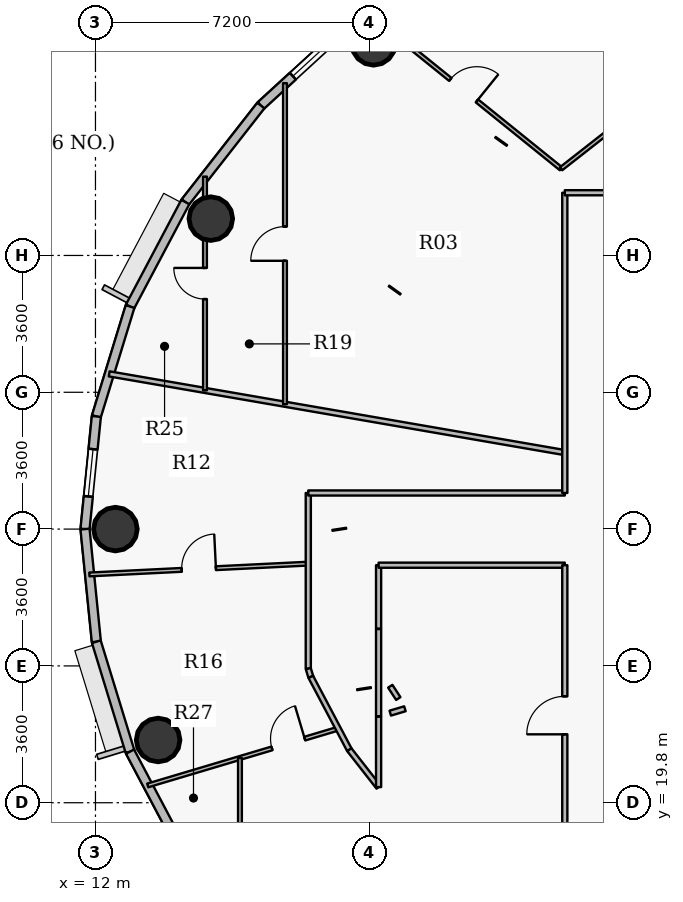
"""IFC4 building model, lengths in metres.
Left out: names, types, materials, properties, quantities, classifications, styles, units other than length and angle.
Written with IfcOpenShell. Run it as: python <this file> out.ifc"""

import sys

from ifc_helpers import new_model, si_unit, direction, frame, frame_2d, origin, origin_2d, place, context, subcontext, project, spatial, rectangle, hollow_circle, extrude, source, transform, mapped, element, fill, save


model = new_model("IFC4")
c1 = context("Model", 3, precision=1e-05, world=origin(), true_north=direction((0.0, 1.0)))
c2 = subcontext(c1, "Body", "Model", "MODEL_VIEW")
j1 = project(units=[si_unit("LENGTHUNIT", "METRE"), si_unit("PLANEANGLEUNIT", "RADIAN")], contexts=[c1])
p1 = place(None, origin())
s1 = spatial("IfcSite", under=j1, at=p1, CompositionType="ELEMENT")
p2 = place(p1, origin())
s2 = spatial("IfcBuilding", under=s1, at=p2, CompositionType="ELEMENT")
p3 = place(p2, frame((0.0, 0.0, 229.05)))
s3 = spatial("IfcBuildingStorey", under=s2, at=p3, CompositionType="ELEMENT", Elevation=229.05)
for number, where, z_axis, x_axis in (
    (1, (19.317, 39.781, 0.0), (0.0, 0.0, 1.0), (1.0, 0.0, 0.0)),
    (2, (15.035, 35.169, 0.0), (0.0, 0.0, 1.0), (1.0, 0.0, 0.0)),
    (3, (12.525, 27.0, 0.0), (0.0, 0.0, 1.0), (1.0, 0.0, 0.0)),
    (4, (13.649, 21.451, 0.0), (0.0, 0.0, 1.0), (1.0, 0.0, 0.0)),
):
    element("IfcColumn", number, at=place(p3, frame(where, z_axis=z_axis, x_axis=x_axis)), inside=s3, PredefinedType="COLUMN", context=c2, shape_type="SweptSolid", body=[
        extrude(hollow_circle(Radius=0.575, WallThickness=0.036, at=origin_2d()), origin(), (0.0, 0.0, 1.0), 3.75),
    ])
p4 = place(p3, frame((16.352, 38.145, 0.0), z_axis=(0.0, 0.0, 1.0), x_axis=(0.737123922599, 0.675757591694, 0.0)))
e5 = element("IfcWall", 5, at=p4, inside=s3, PredefinedType="SOLIDWALL", context=c2, shape_type="SweptSolid", body=[
    extrude(rectangle(XDim=3.354, YDim=0.24, at=frame_2d((1.677, 0.0))), origin(), (0.0, 0.0, 1.0), 3.5),
])
p5 = place(p4, frame((1.144, 0.0, 0.9)))
e6 = element("IfcOpeningElement", 6, at=p5, cuts=e5, PredefinedType="OPENING", context=c2, shape_type="SweptSolid", body=[
    extrude(rectangle(XDim=1.25, YDim=1.65, at=origin_2d()), frame((0.625, 0.13, 0.825), z_axis=(0.0, -1.0, 0.0), x_axis=(1.0, 0.0, 0.0)), (0.0, 0.0, 1.0), 0.26),
])
p6 = place(p3, frame((14.364, 35.605, 0.0), z_axis=(0.0, 0.0, 1.0), x_axis=(0.616312344705, 0.787501805562, 0.0)))
e7 = element("IfcWall", 7, at=p6, inside=s3, PredefinedType="SOLIDWALL", context=c2, shape_type="SweptSolid", body=[
    extrude(rectangle(XDim=3.225, YDim=0.24, at=frame_2d((1.612, 0.0))), origin(), (0.0, 0.0, 1.0), 3.5),
])
p7 = place(p3, frame((12.91, 32.856, 0.0), z_axis=(0.0, 0.0, 1.0), x_axis=(0.46766049993, 0.883908172157, 0.0)))
e8 = element("IfcWall", 8, at=p7, inside=s3, PredefinedType="SOLIDWALL", context=c2, shape_type="SweptSolid", body=[
    extrude(rectangle(XDim=3.11, YDim=0.24, at=frame_2d((1.555, 0.0))), origin(), (0.0, 0.0, 1.0), 3.5),
])
p8 = place(p3, frame((12.023, 29.964, 0.0), z_axis=(0.0, 0.0, 1.0), x_axis=(0.293132907334, 0.95607170162, 0.0)))
e9 = element("IfcWall", 9, at=p8, inside=s3, PredefinedType="SOLIDWALL", context=c2, shape_type="SweptSolid", body=[
    extrude(rectangle(XDim=3.025, YDim=0.24, at=frame_2d((1.512, 0.0))), origin(), (0.0, 0.0, 1.0), 3.5),
])
p9 = place(p3, frame((11.725, 27.0, 0.0), z_axis=(0.0, 0.0, 1.0), x_axis=(0.099990595253, 0.994988382274, 0.0)))
e10 = element("IfcWall", 10, at=p9, inside=s3, PredefinedType="SOLIDWALL", context=c2, shape_type="SweptSolid", body=[
    extrude(rectangle(XDim=2.979, YDim=0.24, at=frame_2d((1.489, 0.0))), origin(), (0.0, 0.0, 1.0), 3.5),
])
p10 = place(p9, frame((0.865, 0.0, 0.9)))
e11 = element("IfcOpeningElement", 11, at=p10, cuts=e10, PredefinedType="OPENING", context=c2, shape_type="SweptSolid", body=[
    extrude(rectangle(XDim=1.25, YDim=1.65, at=origin_2d()), frame((0.625, 0.13, 0.825), z_axis=(0.0, -1.0, 0.0), x_axis=(1.0, 0.0, 0.0)), (0.0, 0.0, 1.0), 0.26),
])
p11 = place(p3, frame((12.023, 24.036, 0.0), z_axis=(0.0, 0.0, 1.0), x_axis=(-0.099990595253, 0.994988382274, 0.0)))
e12 = element("IfcWall", 12, at=p11, inside=s3, PredefinedType="SOLIDWALL", context=c2, shape_type="SweptSolid", body=[
    extrude(rectangle(XDim=2.979, YDim=0.24, at=frame_2d((1.489, 0.0))), origin(), (0.0, 0.0, 1.0), 3.5),
])
p12 = place(p3, frame((12.91, 21.144, 0.0), z_axis=(0.0, 0.0, 1.0), x_axis=(-0.293132907334, 0.95607170162, 0.0)))
e13 = element("IfcWall", 13, at=p12, inside=s3, PredefinedType="SOLIDWALL", context=c2, shape_type="SweptSolid", body=[
    extrude(rectangle(XDim=3.025, YDim=0.24, at=frame_2d((1.512, 0.0))), origin(), (0.0, 0.0, 1.0), 3.5),
])
p13 = place(p3, frame((14.364, 18.395, 0.0), z_axis=(0.0, 0.0, 1.0), x_axis=(-0.46766049993, 0.883908172157, 0.0)))
e14 = element("IfcWall", 14, at=p13, inside=s3, PredefinedType="SOLIDWALL", context=c2, shape_type="SweptSolid", body=[
    extrude(rectangle(XDim=3.11, YDim=0.24, at=frame_2d((1.555, 0.0))), origin(), (0.0, 0.0, 1.0), 3.5),
])
p14 = place(p3, frame((11.84, 25.807, 0.0), z_axis=(0.0, 0.0, 1.0), x_axis=(0.99878109644, 0.049359106487, 0.0)))
e15 = element("IfcWall", 15, at=p14, inside=s3, PredefinedType="PARTITIONING", context=c2, shape_type="SweptSolid", body=[
    extrude(rectangle(XDim=5.767, YDim=0.1, at=frame_2d((2.884, 0.0))), origin(), (0.0, 0.0, 1.0), 2.985),
])
p15 = place(p14, frame((2.434, 0.0, 0.0)))
e16 = element("IfcOpeningElement", 16, at=p15, cuts=e15, PredefinedType="OPENING", context=c2, shape_type="SweptSolid", body=[
    extrude(rectangle(XDim=0.9, YDim=2.1, at=origin_2d()), frame((0.45, 0.06, 1.05), z_axis=(0.0, -1.0, 0.0), x_axis=(1.0, 0.0, 0.0)), (0.0, 0.0, 1.0), 0.12),
])
p16 = place(p3, frame((12.361, 31.084, 0.0), z_axis=(0.0, 0.0, 1.0), x_axis=(0.98539748391, -0.17026978212, 0.0)))
e17 = element("IfcWall", 17, at=p16, inside=s3, PredefinedType="PARTITIONING", context=c2, shape_type="SweptSolid", body=[
    extrude(rectangle(XDim=12.166, YDim=0.135, at=frame_2d((6.083, 0.0))), origin(), (0.0, 0.0, 1.0), 2.985),
])
p17 = place(p3, frame((13.375, 20.255, 0.0), z_axis=(0.0, 0.0, 1.0), x_axis=(0.95831691216, 0.285707360544, 0.0)))
e18 = element("IfcWall", 18, at=p17, inside=s3, PredefinedType="PARTITIONING", context=c2, shape_type="SweptSolid", body=[
    extrude(rectangle(XDim=5.23, YDim=0.1, at=frame_2d((2.615, 0.0))), origin(), (0.0, 0.0, 1.0), 2.985),
])
p18 = place(p17, frame((3.412, 0.0, 0.0)))
e19 = element("IfcOpeningElement", 19, at=p18, cuts=e18, PredefinedType="OPENING", context=c2, shape_type="SweptSolid", body=[
    extrude(rectangle(XDim=0.9, YDim=2.1, at=origin_2d()), frame((0.45, 0.06, 1.05), z_axis=(0.0, -1.0, 0.0), x_axis=(1.0, 0.0, 0.0)), (0.0, 0.0, 1.0), 0.12),
])
p19 = place(p3, frame((14.882, 30.649, 0.0), z_axis=(0.0, 0.0, 1.0), x_axis=(0.0, 1.0, 0.0)))
e20 = element("IfcWall", 20, at=p19, inside=s3, PredefinedType="PARTITIONING", context=c2, shape_type="SweptSolid", body=[
    extrude(rectangle(XDim=5.626, YDim=0.1, at=frame_2d((2.813, 0.0))), origin(), (0.0, 0.0, 1.0), 2.985),
])
p20 = place(p19, frame((2.403, 0.0, 0.0)))
e21 = element("IfcOpeningElement", 21, at=p20, cuts=e20, PredefinedType="OPENING", context=c2, shape_type="SweptSolid", body=[
    extrude(rectangle(XDim=0.82, YDim=2.1, at=origin_2d()), frame((0.41, 0.06, 1.05), z_axis=(0.0, -1.0, 0.0), x_axis=(1.0, 0.0, 0.0)), (0.0, 0.0, 1.0), 0.12),
])
p21 = place(p3, frame((15.802, 16.55, 0.0), z_axis=(0.0, 0.0, 1.0), x_axis=(0.0, 1.0, 0.0)))
e22 = element("IfcWall", 22, at=p21, inside=s3, PredefinedType="PARTITIONING", context=c2, shape_type="SweptSolid", body=[
    extrude(rectangle(XDim=4.429, YDim=0.1, at=frame_2d((2.214, 0.0))), origin(), (0.0, 0.0, 1.0), 2.985),
])
p22 = place(p21, frame((1.804, 0.0, 0.0)))
e23 = element("IfcOpeningElement", 23, at=p22, cuts=e22, PredefinedType="OPENING", context=c2, shape_type="SweptSolid", body=[
    extrude(rectangle(XDim=0.82, YDim=2.1, at=origin_2d()), frame((0.41, 0.06, 1.05), z_axis=(0.0, -1.0, 0.0), x_axis=(1.0, 0.0, 0.0)), (0.0, 0.0, 1.0), 0.12),
])
p23 = place(p3, frame((16.987, 30.285, 0.0), z_axis=(0.0, 0.0, 1.0), x_axis=(0.0, 1.0, 0.0)))
e24 = element("IfcWall", 24, at=p23, inside=s3, PredefinedType="PARTITIONING", context=c2, shape_type="SweptSolid", body=[
    extrude(rectangle(XDim=8.449, YDim=0.1, at=frame_2d((4.224, 0.0))), origin(), (0.0, 0.0, 1.0), 2.935),
])
p24 = place(p23, frame((3.774, 0.0, 0.0)))
e25 = element("IfcOpeningElement", 25, at=p24, cuts=e24, PredefinedType="OPENING", context=c2, shape_type="SweptSolid", body=[
    extrude(rectangle(XDim=0.9, YDim=2.1, at=origin_2d()), frame((0.45, 0.06, 1.05), z_axis=(0.0, -1.0, 0.0), x_axis=(1.0, 0.0, 0.0)), (0.0, 0.0, 1.0), 0.12),
])
p25 = place(p3, frame((17.6, 23.328, 0.0), z_axis=(0.0, 0.0, 1.0), x_axis=(0.0, 1.0, 0.0)))
e26 = element("IfcWall", 26, at=p25, inside=s3, PredefinedType="PARTITIONING", context=c2, shape_type="SweptSolid", body=[
    extrude(rectangle(XDim=4.622, YDim=0.135, at=frame_2d((2.311, 0.0))), origin(), (0.0, 0.0, 1.0), 2.935),
])
p26 = place(p3, frame((17.6, 23.328, 0.0), z_axis=(0.0, 0.0, 1.0), x_axis=(0.292875000845, -0.956150738053, 0.0)))
e27 = element("IfcWall", 27, at=p26, inside=s3, PredefinedType="PARTITIONING", context=c2, shape_type="SweptSolid", body=[
    extrude(rectangle(XDim=0.227, YDim=0.135, at=frame_2d((0.113, 0.0))), origin(), (0.0, 0.0, 1.0), 3.5),
])
p27 = place(p3, frame((17.6, 27.95, 0.0), z_axis=(0.0, 0.0, 1.0), x_axis=(1.0, 0.0, 0.0)))
e28 = element("IfcWall", 28, at=p27, inside=s3, PredefinedType="PARTITIONING", context=c2, shape_type="SweptSolid", body=[
    extrude(rectangle(XDim=6.75, YDim=0.135, at=frame_2d((3.375, 0.0))), origin(), (0.0, 0.0, 1.0), 3.5),
])
p28 = place(p3, frame((17.667, 23.111, 0.0), z_axis=(0.0, 0.0, 1.0), x_axis=(0.467582558239, -0.883949405357, 0.0)))
e29 = element("IfcWall", 29, at=p28, inside=s3, PredefinedType="PARTITIONING", context=c2, shape_type="SweptSolid", body=[
    extrude(rectangle(XDim=2.169, YDim=0.135, at=frame_2d((1.084, 0.0))), origin(), (0.0, 0.0, 1.0), 2.935),
])
p29 = place(p3, frame((18.681, 21.194, 0.0), z_axis=(0.0, 0.0, 1.0), x_axis=(0.616239706802, -0.787558647823, 0.0)))
e30 = element("IfcWall", 30, at=p29, inside=s3, PredefinedType="PARTITIONING", context=c2, shape_type="SweptSolid", body=[
    extrude(rectangle(XDim=1.248, YDim=0.135, at=frame_2d((0.624, 0.0))), origin(), (0.0, 0.0, 1.0), 3.5),
])
p30 = place(p3, frame((19.124, 40.618, 0.0), z_axis=(0.0, 0.0, 1.0), x_axis=(0.778207956818, -0.62800666871, 0.0)))
e31 = element("IfcWall", 31, at=p30, inside=s3, PredefinedType="PARTITIONING", context=c2, shape_type="SweptSolid", body=[
    extrude(rectangle(XDim=6.588, YDim=0.1, at=frame_2d((3.294, 0.0))), origin(), (0.0, 0.0, 1.0), 2.985),
])
p31 = place(p30, frame((2.844, 0.0, 0.0)))
e32 = element("IfcOpeningElement", 32, at=p31, cuts=e31, PredefinedType="OPENING", context=c2, shape_type="SweptSolid", body=[
    extrude(rectangle(XDim=0.9, YDim=2.1, at=origin_2d()), frame((0.45, 0.06, 1.05), z_axis=(0.0, -1.0, 0.0), x_axis=(1.0, 0.0, 0.0)), (0.0, 0.0, 1.0), 0.12),
])
p32 = place(p3, frame((19.45, 20.211, 0.0), z_axis=(0.0, 0.0, 1.0), x_axis=(0.0, 1.0, 0.0)))
e33 = element("IfcWall", 33, at=p32, inside=s3, PredefinedType="PARTITIONING", context=c2, shape_type="SweptSolid", body=[
    extrude(rectangle(XDim=1.855, YDim=0.135, at=frame_2d((0.927, 0.0))), origin(), (0.0, 0.0, 1.0), 3.5),
])
p33 = place(p3, frame((19.45, 24.38, 0.0), z_axis=(0.0, 0.0, 1.0), x_axis=(0.0, 1.0, 0.0)))
e34 = element("IfcWall", 34, at=p33, inside=s3, PredefinedType="PARTITIONING", context=c2, shape_type="SweptSolid", body=[
    extrude(rectangle(XDim=1.67, YDim=0.135, at=frame_2d((0.835, 0.0))), origin(), (0.0, 0.0, 1.0), 3.5),
])
p34 = place(p3, frame((19.45, 26.05, 0.0), z_axis=(0.0, 0.0, 1.0), x_axis=(1.0, 0.0, 0.0)))
e35 = element("IfcWall", 35, at=p34, inside=s3, PredefinedType="PARTITIONING", context=c2, shape_type="SweptSolid", body=[
    extrude(rectangle(XDim=4.9, YDim=0.135, at=frame_2d((2.45, 0.0))), origin(), (0.0, 0.0, 1.0), 3.5),
])
p35 = place(p3, frame((24.251, 36.481, 0.0), z_axis=(0.0, 0.0, 1.0), x_axis=(0.787374491509, 0.616474987426, 0.0)))
e36 = element("IfcWall", 36, at=p35, inside=s3, PredefinedType="PARTITIONING", context=c2, shape_type="SweptSolid", body=[
    extrude(rectangle(XDim=2.171, YDim=0.1, at=frame_2d((1.086, 0.0))), origin(), (0.0, 0.0, 1.0), 3.5),
])
p36 = place(p3, frame((24.35, 18.15, 0.0), z_axis=(0.0, 0.0, 1.0), x_axis=(0.0, 1.0, 0.0)))
e37 = element("IfcWall", 37, at=p36, inside=s3, PredefinedType="PARTITIONING", context=c2, shape_type="SweptSolid", body=[
    extrude(rectangle(XDim=7.9, YDim=0.135, at=frame_2d((3.95, 0.0))), origin(), (0.0, 0.0, 1.0), 2.935),
])
p37 = place(p36, frame((3.45, 0.0, 0.0)))
e38 = element("IfcOpeningElement", 38, at=p37, cuts=e37, PredefinedType="OPENING", context=c2, shape_type="SweptSolid", body=[
    extrude(rectangle(XDim=1.0, YDim=2.15, at=origin_2d()), frame((0.5, 0.078, 1.075), z_axis=(0.0, -1.0, 0.0), x_axis=(1.0, 0.0, 0.0)), (0.0, 0.0, 1.0), 0.155),
])
p38 = place(p3, frame((24.35, 27.95, 0.0), z_axis=(0.0, 0.0, 1.0), x_axis=(0.0, 1.0, 0.0)))
e39 = element("IfcWall", 39, at=p38, inside=s3, PredefinedType="PARTITIONING", context=c2, shape_type="SweptSolid", body=[
    extrude(rectangle(XDim=7.9, YDim=0.135, at=frame_2d((3.95, 0.0))), origin(), (0.0, 0.0, 1.0), 2.935),
])
p39 = place(p3, frame((24.35, 35.85, 0.0), z_axis=(0.0, 0.0, 1.0), x_axis=(1.0, 0.0, 0.0)))
e40 = element("IfcWall", 40, at=p39, inside=s3, PredefinedType="PARTITIONING", context=c2, shape_type="SweptSolid", body=[
    extrude(rectangle(XDim=26.218, YDim=0.135, at=frame_2d((13.109, 0.0))), origin(), (0.0, 0.0, 1.0), 2.935),
])
p40 = place(p39, frame((3.557, 0.0, 0.0)))
e41 = element("IfcOpeningElement", 41, at=p40, cuts=e40, PredefinedType="OPENING", context=c2, shape_type="SweptSolid", body=[
    extrude(rectangle(XDim=1.0, YDim=2.15, at=origin_2d()), frame((0.5, 0.078, 1.075), z_axis=(0.0, -1.0, 0.0), x_axis=(1.0, 0.0, 0.0)), (0.0, 0.0, 1.0), 0.155),
])
p41 = place(p39, frame((22.776, 0.0, 0.0)))
e42 = element("IfcOpeningElement", 42, at=p41, cuts=e40, PredefinedType="OPENING", context=c2, shape_type="SweptSolid", body=[
    extrude(rectangle(XDim=1.0, YDim=2.15, at=origin_2d()), frame((0.5, 0.078, 1.075), z_axis=(0.0, -1.0, 0.0), x_axis=(1.0, 0.0, 0.0)), (0.0, 0.0, 1.0), 0.155),
])
p42 = place(p39, frame((13.736, 0.0, 0.0)))
e43 = element("IfcOpeningElement", 43, at=p42, cuts=e40, PredefinedType="OPENING", context=c2, shape_type="SweptSolid", body=[
    extrude(rectangle(XDim=1.05, YDim=2.15, at=origin_2d()), frame((0.525, 0.078, 1.075), z_axis=(0.0, -1.0, 0.0), x_axis=(1.0, 0.0, 0.0)), (0.0, 0.0, 1.0), 0.155),
])
p43 = place(p39, frame((10.682, 0.0, 0.0)))
e44 = element("IfcOpeningElement", 44, at=p43, cuts=e40, PredefinedType="OPENING", context=c2, shape_type="SweptSolid", body=[
    extrude(rectangle(XDim=1.05, YDim=2.15, at=origin_2d()), frame((0.525, 0.078, 1.075), z_axis=(0.0, -1.0, 0.0), x_axis=(1.0, 0.0, 0.0)), (0.0, 0.0, 1.0), 0.155),
])
p44 = place(p39, frame((8.557, 0.0, 0.0)))
e45 = element("IfcOpeningElement", 45, at=p44, cuts=e40, PredefinedType="OPENING", context=c2, shape_type="SweptSolid", body=[
    extrude(rectangle(XDim=0.82, YDim=2.1, at=origin_2d()), frame((0.41, 0.078, 1.05), z_axis=(0.0, -1.0, 0.0), x_axis=(1.0, 0.0, 0.0)), (0.0, 0.0, 1.0), 0.155),
])
p45 = place(p3, frame((19.45, 24.37, 0.0), z_axis=(0.0, 0.0, 1.0), x_axis=(0.0, -1.0, 0.0)))
e46 = element("IfcWall", 46, at=p45, inside=s3, PredefinedType="PARTITIONING", context=c2, shape_type="SweptSolid", body=[
    extrude(rectangle(XDim=2.294, YDim=0.135, at=frame_2d((1.147, 0.0))), origin(), (0.0, 0.0, 1.0), 2.935),
])
p46 = place(p3, frame((19.758, 22.157, 0.0), z_axis=(0.0, 0.0, 1.0), x_axis=(0.95827609565, 0.285844231191, 0.0)))
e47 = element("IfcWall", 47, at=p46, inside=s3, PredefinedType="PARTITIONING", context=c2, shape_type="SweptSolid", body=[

YOUR OBJECTIVE.
Begin with the line that holds "p44 = place(p39, frame((8.557, 0.0, 0.0)))" and write out each line from there to the end of the material, exactly as it stands. Include nothing else.

EXERCISE RESULT.
p44 = place(p39, frame((8.557, 0.0, 0.0)))
e45 = element("IfcOpeningElement", 45, at=p44, cuts=e40, PredefinedType="OPENING", context=c2, shape_type="SweptSolid", body=[
    extrude(rectangle(XDim=0.82, YDim=2.1, at=origin_2d()), frame((0.41, 0.078, 1.05), z_axis=(0.0, -1.0, 0.0), x_axis=(1.0, 0.0, 0.0)), (0.0, 0.0, 1.0), 0.155),
])
p45 = place(p3, frame((19.45, 24.37, 0.0), z_axis=(0.0, 0.0, 1.0), x_axis=(0.0, -1.0, 0.0)))
e46 = element("IfcWall", 46, at=p45, inside=s3, PredefinedType="PARTITIONING", context=c2, shape_type="SweptSolid", body=[
    extrude(rectangle(XDim=2.294, YDim=0.135, at=frame_2d((1.147, 0.0))), origin(), (0.0, 0.0, 1.0), 2.935),
])
p46 = place(p3, frame((19.758, 22.157, 0.0), z_axis=(0.0, 0.0, 1.0), x_axis=(0.95827609565, 0.285844231191, 0.0)))
e47 = element("IfcWall", 47, at=p46, inside=s3, PredefinedType="PARTITIONING", context=c2, shape_type="SweptSolid", body=[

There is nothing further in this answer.